* Assigned task
Only the number is needed: count the lines below that hold the string "points".

-- Opening Marker --

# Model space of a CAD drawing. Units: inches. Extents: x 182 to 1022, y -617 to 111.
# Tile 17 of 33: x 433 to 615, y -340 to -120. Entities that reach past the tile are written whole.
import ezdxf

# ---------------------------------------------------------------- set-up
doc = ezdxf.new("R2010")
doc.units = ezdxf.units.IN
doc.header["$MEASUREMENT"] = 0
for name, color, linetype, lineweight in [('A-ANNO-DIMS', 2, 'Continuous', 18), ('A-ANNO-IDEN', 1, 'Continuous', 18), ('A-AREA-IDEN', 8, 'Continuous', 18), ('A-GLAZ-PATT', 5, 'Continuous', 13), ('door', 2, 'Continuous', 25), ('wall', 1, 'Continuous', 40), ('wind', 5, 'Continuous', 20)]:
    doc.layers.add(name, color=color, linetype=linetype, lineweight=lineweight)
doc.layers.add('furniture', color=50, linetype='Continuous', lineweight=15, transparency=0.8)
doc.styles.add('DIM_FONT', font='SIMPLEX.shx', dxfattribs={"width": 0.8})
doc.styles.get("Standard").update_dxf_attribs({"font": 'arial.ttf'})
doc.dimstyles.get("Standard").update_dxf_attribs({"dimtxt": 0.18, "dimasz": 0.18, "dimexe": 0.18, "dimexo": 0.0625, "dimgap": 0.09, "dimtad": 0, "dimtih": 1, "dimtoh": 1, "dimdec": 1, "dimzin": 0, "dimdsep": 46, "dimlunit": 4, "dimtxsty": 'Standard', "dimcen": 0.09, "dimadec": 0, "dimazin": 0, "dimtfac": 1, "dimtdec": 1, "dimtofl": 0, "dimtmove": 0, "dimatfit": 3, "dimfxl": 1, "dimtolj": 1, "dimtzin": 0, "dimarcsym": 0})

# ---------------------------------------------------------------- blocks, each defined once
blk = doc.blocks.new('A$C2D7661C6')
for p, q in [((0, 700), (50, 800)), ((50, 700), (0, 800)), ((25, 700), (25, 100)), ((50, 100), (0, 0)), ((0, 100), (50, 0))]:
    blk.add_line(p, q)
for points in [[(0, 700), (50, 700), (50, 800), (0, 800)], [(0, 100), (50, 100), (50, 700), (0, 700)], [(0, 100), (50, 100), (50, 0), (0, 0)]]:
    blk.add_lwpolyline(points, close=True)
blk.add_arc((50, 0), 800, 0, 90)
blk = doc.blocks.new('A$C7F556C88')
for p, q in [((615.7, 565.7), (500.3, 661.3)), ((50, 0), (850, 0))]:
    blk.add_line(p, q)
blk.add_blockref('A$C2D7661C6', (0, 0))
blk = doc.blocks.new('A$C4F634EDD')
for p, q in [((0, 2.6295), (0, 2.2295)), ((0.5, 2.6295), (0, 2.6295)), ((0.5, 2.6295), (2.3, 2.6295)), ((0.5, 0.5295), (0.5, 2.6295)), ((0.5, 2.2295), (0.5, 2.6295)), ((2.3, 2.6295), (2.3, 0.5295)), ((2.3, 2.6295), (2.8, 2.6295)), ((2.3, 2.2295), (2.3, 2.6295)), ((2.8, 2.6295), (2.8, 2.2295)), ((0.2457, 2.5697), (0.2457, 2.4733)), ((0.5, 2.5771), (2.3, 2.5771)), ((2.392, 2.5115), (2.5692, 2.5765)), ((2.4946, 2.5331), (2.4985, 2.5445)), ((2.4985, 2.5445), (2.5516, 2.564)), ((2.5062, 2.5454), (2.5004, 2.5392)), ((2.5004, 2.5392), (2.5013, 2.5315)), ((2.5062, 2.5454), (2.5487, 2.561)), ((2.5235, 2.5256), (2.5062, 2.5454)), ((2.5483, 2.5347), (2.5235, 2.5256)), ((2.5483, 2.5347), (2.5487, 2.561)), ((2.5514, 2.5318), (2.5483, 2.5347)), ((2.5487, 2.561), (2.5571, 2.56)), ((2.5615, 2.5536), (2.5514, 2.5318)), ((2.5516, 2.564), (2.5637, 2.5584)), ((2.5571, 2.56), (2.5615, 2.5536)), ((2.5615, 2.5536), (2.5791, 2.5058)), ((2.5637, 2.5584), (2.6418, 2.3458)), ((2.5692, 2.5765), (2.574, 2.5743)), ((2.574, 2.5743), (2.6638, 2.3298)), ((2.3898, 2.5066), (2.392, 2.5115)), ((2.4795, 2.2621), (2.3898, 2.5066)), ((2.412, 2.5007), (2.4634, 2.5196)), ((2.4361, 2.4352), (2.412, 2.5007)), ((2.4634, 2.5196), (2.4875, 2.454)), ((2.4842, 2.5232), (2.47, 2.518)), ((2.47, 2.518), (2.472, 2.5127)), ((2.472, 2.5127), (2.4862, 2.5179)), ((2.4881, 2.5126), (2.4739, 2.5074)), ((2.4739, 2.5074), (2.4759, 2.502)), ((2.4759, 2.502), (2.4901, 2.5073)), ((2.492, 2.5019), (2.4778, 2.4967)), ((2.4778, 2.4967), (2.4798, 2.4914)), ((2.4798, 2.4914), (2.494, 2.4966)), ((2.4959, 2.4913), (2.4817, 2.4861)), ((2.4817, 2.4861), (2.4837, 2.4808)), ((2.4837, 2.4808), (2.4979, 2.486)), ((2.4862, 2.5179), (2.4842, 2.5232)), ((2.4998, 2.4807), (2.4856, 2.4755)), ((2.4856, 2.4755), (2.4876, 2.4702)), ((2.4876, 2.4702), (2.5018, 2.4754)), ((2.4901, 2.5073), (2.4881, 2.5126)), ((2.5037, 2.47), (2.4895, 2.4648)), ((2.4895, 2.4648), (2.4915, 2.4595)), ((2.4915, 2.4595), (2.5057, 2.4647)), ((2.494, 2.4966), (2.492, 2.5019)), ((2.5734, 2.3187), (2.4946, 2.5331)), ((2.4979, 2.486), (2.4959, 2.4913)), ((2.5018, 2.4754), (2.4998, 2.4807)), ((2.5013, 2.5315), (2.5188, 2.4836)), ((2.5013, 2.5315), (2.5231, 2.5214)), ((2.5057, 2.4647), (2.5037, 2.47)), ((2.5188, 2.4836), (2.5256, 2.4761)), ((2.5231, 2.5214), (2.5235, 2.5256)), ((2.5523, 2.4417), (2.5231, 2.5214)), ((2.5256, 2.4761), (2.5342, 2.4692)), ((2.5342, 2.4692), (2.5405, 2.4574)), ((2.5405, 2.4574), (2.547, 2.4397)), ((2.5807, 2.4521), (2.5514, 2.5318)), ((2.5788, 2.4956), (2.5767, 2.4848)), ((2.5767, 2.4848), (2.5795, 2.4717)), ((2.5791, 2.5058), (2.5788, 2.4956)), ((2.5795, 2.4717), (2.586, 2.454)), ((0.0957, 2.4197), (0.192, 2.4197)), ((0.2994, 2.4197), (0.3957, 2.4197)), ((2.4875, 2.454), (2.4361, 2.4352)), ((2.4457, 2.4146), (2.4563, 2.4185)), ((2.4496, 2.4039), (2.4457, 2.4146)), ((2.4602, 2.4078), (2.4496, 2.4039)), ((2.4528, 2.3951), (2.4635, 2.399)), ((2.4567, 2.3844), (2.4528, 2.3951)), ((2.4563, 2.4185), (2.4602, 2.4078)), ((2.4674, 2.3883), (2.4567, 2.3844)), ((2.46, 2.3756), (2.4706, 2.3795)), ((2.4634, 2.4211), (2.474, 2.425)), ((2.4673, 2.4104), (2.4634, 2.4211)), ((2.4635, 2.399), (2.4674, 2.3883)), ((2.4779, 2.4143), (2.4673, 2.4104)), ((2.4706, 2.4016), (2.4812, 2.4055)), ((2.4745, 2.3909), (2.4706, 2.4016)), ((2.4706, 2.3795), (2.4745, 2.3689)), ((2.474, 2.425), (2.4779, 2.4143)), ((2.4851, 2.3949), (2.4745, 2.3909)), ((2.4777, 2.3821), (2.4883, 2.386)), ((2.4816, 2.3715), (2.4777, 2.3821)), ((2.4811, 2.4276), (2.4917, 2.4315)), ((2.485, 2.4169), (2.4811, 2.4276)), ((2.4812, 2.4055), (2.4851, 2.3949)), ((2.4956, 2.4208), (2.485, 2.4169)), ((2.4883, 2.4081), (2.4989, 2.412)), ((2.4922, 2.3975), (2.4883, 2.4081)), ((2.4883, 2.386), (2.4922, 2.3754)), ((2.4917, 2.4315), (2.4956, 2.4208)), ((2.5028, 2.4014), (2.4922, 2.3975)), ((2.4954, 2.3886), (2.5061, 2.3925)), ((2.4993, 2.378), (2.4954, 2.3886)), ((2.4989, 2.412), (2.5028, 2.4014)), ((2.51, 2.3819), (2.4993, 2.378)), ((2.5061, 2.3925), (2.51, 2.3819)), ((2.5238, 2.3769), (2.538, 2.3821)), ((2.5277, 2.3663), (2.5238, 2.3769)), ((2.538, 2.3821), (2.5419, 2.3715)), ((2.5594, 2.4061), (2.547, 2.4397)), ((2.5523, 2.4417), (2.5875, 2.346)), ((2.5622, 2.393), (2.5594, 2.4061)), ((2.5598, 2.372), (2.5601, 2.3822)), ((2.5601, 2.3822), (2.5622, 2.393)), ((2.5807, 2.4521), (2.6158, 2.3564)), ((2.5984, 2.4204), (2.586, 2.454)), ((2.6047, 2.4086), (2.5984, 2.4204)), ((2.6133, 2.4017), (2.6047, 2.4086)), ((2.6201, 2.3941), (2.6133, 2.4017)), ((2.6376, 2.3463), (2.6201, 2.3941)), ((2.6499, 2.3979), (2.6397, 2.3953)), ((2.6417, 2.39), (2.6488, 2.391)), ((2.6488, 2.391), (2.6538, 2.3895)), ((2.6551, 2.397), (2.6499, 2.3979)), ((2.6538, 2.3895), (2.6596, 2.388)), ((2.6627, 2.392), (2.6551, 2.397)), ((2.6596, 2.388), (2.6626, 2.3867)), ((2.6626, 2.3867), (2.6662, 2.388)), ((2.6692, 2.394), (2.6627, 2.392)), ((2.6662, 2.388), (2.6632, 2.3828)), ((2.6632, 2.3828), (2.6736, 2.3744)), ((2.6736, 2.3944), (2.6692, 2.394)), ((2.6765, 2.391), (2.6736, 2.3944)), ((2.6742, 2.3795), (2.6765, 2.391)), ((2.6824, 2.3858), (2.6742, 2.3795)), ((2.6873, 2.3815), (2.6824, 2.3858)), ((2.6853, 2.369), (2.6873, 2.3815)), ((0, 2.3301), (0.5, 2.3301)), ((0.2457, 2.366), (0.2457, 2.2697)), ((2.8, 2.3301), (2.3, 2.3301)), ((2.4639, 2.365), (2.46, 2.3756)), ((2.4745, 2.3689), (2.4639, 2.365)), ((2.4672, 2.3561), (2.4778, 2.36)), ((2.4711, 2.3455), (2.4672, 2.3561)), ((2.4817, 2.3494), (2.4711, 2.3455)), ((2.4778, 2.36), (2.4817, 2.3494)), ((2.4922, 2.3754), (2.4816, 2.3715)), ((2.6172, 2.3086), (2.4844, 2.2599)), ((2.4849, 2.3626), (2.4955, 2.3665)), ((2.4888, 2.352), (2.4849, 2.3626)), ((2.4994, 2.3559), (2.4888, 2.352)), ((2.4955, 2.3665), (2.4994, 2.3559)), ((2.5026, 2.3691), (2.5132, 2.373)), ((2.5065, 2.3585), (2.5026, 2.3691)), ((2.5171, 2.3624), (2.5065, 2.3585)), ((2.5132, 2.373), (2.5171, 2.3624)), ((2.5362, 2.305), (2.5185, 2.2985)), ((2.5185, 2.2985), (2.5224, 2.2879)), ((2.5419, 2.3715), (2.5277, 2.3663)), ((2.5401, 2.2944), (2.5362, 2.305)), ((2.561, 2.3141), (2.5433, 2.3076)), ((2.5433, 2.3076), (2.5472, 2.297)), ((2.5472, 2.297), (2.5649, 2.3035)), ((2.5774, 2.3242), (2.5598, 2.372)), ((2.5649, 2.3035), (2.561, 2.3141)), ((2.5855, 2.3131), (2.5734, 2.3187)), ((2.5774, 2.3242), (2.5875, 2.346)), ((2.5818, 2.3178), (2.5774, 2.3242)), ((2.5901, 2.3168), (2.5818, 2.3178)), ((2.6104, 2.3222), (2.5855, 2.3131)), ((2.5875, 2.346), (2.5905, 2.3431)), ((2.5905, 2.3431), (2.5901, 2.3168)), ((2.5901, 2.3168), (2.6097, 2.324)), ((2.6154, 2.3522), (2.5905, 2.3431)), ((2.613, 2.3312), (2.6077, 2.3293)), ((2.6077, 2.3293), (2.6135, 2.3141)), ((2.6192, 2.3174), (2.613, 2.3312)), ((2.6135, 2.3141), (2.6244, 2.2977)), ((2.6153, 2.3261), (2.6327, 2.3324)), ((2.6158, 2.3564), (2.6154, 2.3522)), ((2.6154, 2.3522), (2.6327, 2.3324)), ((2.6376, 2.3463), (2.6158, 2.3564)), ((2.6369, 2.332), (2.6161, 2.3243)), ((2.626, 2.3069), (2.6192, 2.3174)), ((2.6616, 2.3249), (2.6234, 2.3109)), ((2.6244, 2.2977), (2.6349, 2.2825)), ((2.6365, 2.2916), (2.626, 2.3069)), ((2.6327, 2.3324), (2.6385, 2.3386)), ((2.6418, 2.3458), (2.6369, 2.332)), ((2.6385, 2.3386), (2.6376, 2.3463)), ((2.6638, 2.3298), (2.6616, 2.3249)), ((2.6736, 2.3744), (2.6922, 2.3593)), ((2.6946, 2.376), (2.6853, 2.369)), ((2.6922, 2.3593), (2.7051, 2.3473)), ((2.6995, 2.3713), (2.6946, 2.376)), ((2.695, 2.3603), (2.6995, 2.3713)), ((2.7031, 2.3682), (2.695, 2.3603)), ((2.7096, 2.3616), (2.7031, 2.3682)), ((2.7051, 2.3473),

-- Closing Marker --

* Task answer
2